(YOUR GOAL):
Retype, exactly as they appear below, the lines between the line holding "-6.286712009589821), (4.694348592586957, -6.256712009589254)])" and the line holding "-6.306712009588038), (5.094348592590464, -6.306712009588038)])", both ends included.

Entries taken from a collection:

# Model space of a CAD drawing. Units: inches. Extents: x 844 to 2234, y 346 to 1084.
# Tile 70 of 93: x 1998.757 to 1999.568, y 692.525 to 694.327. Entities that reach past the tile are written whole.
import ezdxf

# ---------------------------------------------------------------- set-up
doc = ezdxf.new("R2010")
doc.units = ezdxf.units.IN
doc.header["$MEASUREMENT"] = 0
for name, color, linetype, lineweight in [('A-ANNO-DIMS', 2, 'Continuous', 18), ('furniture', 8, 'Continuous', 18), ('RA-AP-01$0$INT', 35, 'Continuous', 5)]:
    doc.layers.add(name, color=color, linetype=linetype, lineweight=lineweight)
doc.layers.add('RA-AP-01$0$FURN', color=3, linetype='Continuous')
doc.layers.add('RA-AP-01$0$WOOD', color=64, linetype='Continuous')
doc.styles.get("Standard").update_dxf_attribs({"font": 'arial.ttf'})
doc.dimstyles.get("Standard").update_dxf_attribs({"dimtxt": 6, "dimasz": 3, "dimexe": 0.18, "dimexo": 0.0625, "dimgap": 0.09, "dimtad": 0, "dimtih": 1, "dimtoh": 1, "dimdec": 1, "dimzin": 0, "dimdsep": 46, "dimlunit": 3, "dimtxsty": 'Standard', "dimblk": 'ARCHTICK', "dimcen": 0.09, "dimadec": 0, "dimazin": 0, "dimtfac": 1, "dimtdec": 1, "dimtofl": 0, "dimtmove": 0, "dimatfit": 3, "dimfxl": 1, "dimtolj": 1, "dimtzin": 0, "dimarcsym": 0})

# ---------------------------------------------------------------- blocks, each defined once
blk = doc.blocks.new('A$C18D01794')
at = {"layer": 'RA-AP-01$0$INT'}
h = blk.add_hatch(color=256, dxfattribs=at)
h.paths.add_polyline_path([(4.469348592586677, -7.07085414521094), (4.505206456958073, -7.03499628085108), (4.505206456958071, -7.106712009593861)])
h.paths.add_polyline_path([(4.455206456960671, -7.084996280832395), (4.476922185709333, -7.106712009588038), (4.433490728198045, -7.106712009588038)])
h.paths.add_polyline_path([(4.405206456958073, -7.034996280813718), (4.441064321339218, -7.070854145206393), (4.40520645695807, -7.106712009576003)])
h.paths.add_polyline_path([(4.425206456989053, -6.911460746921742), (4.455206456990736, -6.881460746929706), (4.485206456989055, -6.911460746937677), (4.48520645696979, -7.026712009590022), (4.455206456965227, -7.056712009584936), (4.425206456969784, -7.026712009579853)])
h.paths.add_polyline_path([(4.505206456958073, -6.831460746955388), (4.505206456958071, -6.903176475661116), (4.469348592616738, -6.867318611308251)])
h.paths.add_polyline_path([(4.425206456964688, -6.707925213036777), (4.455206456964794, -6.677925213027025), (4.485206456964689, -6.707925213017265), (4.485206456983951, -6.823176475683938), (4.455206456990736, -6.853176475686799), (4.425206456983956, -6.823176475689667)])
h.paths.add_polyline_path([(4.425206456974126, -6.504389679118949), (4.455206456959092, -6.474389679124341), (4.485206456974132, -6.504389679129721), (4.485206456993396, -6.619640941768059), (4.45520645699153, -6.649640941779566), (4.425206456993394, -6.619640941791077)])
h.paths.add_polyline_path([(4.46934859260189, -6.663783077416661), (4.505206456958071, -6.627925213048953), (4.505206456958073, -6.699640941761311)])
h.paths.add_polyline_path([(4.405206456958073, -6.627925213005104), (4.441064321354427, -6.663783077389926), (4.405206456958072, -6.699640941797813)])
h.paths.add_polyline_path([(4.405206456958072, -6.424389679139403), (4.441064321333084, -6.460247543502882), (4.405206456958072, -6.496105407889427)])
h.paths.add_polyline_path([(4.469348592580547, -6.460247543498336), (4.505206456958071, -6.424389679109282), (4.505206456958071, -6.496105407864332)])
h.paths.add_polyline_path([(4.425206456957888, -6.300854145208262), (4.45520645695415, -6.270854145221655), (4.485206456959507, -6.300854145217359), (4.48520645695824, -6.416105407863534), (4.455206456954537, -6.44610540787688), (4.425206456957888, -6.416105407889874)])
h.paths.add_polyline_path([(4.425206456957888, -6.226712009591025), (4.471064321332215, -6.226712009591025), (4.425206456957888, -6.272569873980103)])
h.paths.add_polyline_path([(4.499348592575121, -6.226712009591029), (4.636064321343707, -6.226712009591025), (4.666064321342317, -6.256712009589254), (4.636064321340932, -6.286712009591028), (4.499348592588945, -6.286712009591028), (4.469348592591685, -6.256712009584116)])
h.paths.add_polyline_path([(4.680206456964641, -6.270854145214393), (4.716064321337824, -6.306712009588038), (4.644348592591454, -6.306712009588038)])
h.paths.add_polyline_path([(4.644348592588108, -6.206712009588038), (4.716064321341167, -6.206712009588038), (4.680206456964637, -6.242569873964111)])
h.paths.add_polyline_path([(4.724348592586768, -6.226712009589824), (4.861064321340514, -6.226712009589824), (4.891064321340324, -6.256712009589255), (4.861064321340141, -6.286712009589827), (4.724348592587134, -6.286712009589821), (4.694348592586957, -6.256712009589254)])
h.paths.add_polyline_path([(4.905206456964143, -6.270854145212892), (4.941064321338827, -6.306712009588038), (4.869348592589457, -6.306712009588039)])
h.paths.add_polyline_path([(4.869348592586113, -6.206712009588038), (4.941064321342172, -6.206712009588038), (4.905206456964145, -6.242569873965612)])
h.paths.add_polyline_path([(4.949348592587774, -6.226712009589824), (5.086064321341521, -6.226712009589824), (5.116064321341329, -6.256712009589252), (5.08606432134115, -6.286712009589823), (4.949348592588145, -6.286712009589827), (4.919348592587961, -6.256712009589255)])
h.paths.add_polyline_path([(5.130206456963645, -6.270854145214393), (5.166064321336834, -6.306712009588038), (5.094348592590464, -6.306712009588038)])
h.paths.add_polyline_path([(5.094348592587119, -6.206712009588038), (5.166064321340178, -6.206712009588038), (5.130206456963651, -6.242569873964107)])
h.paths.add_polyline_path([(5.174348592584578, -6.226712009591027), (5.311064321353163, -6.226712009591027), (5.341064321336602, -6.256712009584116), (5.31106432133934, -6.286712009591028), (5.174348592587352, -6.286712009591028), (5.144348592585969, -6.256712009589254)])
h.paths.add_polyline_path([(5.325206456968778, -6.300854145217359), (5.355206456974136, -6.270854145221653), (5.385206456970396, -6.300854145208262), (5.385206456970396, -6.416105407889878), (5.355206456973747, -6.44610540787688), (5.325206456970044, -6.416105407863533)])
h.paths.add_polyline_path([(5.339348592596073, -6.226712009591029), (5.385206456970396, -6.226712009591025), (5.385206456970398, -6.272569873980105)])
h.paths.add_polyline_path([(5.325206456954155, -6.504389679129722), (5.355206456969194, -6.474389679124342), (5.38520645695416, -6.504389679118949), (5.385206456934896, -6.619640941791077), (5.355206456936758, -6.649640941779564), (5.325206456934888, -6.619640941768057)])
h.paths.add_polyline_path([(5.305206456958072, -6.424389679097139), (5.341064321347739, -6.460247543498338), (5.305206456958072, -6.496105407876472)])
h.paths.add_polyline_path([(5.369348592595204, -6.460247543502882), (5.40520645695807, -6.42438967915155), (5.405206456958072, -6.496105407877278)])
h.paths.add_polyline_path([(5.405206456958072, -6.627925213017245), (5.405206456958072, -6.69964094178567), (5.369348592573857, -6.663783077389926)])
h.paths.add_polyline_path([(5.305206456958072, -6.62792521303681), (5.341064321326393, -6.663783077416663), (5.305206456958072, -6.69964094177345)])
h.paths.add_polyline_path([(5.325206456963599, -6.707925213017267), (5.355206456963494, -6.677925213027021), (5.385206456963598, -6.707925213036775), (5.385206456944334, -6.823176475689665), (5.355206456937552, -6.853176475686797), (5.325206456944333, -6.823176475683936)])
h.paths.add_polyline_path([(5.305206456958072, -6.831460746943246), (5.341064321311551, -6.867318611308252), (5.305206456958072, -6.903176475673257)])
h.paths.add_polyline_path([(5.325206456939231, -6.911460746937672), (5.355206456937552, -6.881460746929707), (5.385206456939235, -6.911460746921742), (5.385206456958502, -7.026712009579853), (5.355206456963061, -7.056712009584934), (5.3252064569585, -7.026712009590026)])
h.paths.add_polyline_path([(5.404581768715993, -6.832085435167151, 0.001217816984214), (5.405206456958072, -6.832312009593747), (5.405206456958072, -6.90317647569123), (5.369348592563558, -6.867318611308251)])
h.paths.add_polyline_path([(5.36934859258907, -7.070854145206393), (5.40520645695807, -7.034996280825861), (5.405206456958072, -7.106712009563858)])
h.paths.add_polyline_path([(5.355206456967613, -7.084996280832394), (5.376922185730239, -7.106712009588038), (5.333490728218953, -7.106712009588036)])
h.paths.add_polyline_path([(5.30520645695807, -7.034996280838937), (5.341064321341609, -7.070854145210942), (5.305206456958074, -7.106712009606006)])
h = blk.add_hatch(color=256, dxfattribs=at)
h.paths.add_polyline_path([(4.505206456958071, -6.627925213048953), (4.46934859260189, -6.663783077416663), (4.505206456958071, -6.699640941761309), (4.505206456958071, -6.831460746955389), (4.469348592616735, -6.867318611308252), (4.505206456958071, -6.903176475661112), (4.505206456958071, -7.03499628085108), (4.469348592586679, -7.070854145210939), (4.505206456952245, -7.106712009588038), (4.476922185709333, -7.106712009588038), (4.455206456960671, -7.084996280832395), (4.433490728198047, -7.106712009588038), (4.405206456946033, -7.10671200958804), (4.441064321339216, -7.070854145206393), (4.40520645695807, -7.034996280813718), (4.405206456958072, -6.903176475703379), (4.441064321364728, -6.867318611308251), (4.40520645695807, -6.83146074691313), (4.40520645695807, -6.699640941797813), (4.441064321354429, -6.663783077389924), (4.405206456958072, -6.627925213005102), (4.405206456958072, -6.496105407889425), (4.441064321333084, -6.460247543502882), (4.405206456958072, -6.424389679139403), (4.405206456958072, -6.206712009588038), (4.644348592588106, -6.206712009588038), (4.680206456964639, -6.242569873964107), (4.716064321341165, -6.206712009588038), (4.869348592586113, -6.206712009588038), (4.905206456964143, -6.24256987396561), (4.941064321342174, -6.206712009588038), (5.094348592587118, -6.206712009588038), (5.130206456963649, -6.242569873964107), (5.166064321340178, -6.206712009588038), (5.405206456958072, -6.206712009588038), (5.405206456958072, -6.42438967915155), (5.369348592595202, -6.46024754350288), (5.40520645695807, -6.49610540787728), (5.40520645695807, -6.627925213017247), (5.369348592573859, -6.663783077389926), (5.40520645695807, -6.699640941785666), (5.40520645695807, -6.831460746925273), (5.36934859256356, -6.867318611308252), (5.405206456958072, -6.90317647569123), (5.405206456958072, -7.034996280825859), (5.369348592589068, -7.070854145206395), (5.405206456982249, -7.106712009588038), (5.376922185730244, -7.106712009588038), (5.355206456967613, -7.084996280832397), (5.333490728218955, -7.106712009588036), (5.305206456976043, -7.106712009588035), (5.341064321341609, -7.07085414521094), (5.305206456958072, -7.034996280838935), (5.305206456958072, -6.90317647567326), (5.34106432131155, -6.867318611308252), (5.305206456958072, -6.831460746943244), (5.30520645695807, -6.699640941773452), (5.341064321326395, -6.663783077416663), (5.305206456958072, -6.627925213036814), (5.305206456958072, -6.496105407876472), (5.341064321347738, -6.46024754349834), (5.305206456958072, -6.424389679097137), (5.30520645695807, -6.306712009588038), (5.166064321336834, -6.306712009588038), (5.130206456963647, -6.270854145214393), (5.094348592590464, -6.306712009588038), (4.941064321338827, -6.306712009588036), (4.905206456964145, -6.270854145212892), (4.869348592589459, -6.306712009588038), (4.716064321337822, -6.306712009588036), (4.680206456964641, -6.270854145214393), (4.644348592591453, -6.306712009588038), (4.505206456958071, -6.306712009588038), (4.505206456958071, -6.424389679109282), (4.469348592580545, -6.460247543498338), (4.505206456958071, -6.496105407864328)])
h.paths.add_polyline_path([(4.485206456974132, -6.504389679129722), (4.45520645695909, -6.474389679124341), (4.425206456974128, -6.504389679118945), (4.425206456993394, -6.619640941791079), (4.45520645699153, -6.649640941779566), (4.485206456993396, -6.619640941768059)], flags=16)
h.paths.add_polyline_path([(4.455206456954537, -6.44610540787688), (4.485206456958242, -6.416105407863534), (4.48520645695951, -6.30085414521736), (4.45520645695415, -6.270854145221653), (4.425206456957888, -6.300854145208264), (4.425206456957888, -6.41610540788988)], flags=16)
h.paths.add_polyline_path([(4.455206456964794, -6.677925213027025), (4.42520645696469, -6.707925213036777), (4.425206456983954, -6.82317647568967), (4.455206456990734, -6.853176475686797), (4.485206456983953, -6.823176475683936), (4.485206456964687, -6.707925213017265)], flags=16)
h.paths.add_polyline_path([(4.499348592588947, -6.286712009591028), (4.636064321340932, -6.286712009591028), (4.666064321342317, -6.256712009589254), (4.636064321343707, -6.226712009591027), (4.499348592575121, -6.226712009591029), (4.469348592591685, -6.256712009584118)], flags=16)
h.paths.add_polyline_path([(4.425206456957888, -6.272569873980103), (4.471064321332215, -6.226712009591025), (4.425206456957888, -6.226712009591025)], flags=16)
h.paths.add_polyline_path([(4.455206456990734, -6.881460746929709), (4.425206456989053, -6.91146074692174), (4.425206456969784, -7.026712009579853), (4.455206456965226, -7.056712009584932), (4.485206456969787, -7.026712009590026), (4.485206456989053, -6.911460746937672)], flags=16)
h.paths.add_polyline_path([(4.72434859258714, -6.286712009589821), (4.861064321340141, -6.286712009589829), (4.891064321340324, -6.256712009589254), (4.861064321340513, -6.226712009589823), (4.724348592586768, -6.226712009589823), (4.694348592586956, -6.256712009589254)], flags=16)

(ANSWER TO THE PROBLEM):
h.paths.add_polyline_path([(4.724348592586768, -6.226712009589824), (4.861064321340514, -6.226712009589824), (4.891064321340324, -6.256712009589255), (4.861064321340141, -6.286712009589827), (4.724348592587134, -6.286712009589821), (4.694348592586957, -6.256712009589254)])
h.paths.add_polyline_path([(4.905206456964143, -6.270854145212892), (4.941064321338827, -6.306712009588038), (4.869348592589457, -6.306712009588039)])
h.paths.add_polyline_path([(4.869348592586113, -6.206712009588038), (4.941064321342172, -6.206712009588038), (4.905206456964145, -6.242569873965612)])
h.paths.add_polyline_path([(4.949348592587774, -6.226712009589824), (5.086064321341521, -6.226712009589824), (5.116064321341329, -6.256712009589252), (5.08606432134115, -6.286712009589823), (4.949348592588145, -6.286712009589827), (4.919348592587961, -6.256712009589255)])
h.paths.add_polyline_path([(5.130206456963645, -6.270854145214393), (5.166064321336834, -6.306712009588038), (5.094348592590464, -6.306712009588038)])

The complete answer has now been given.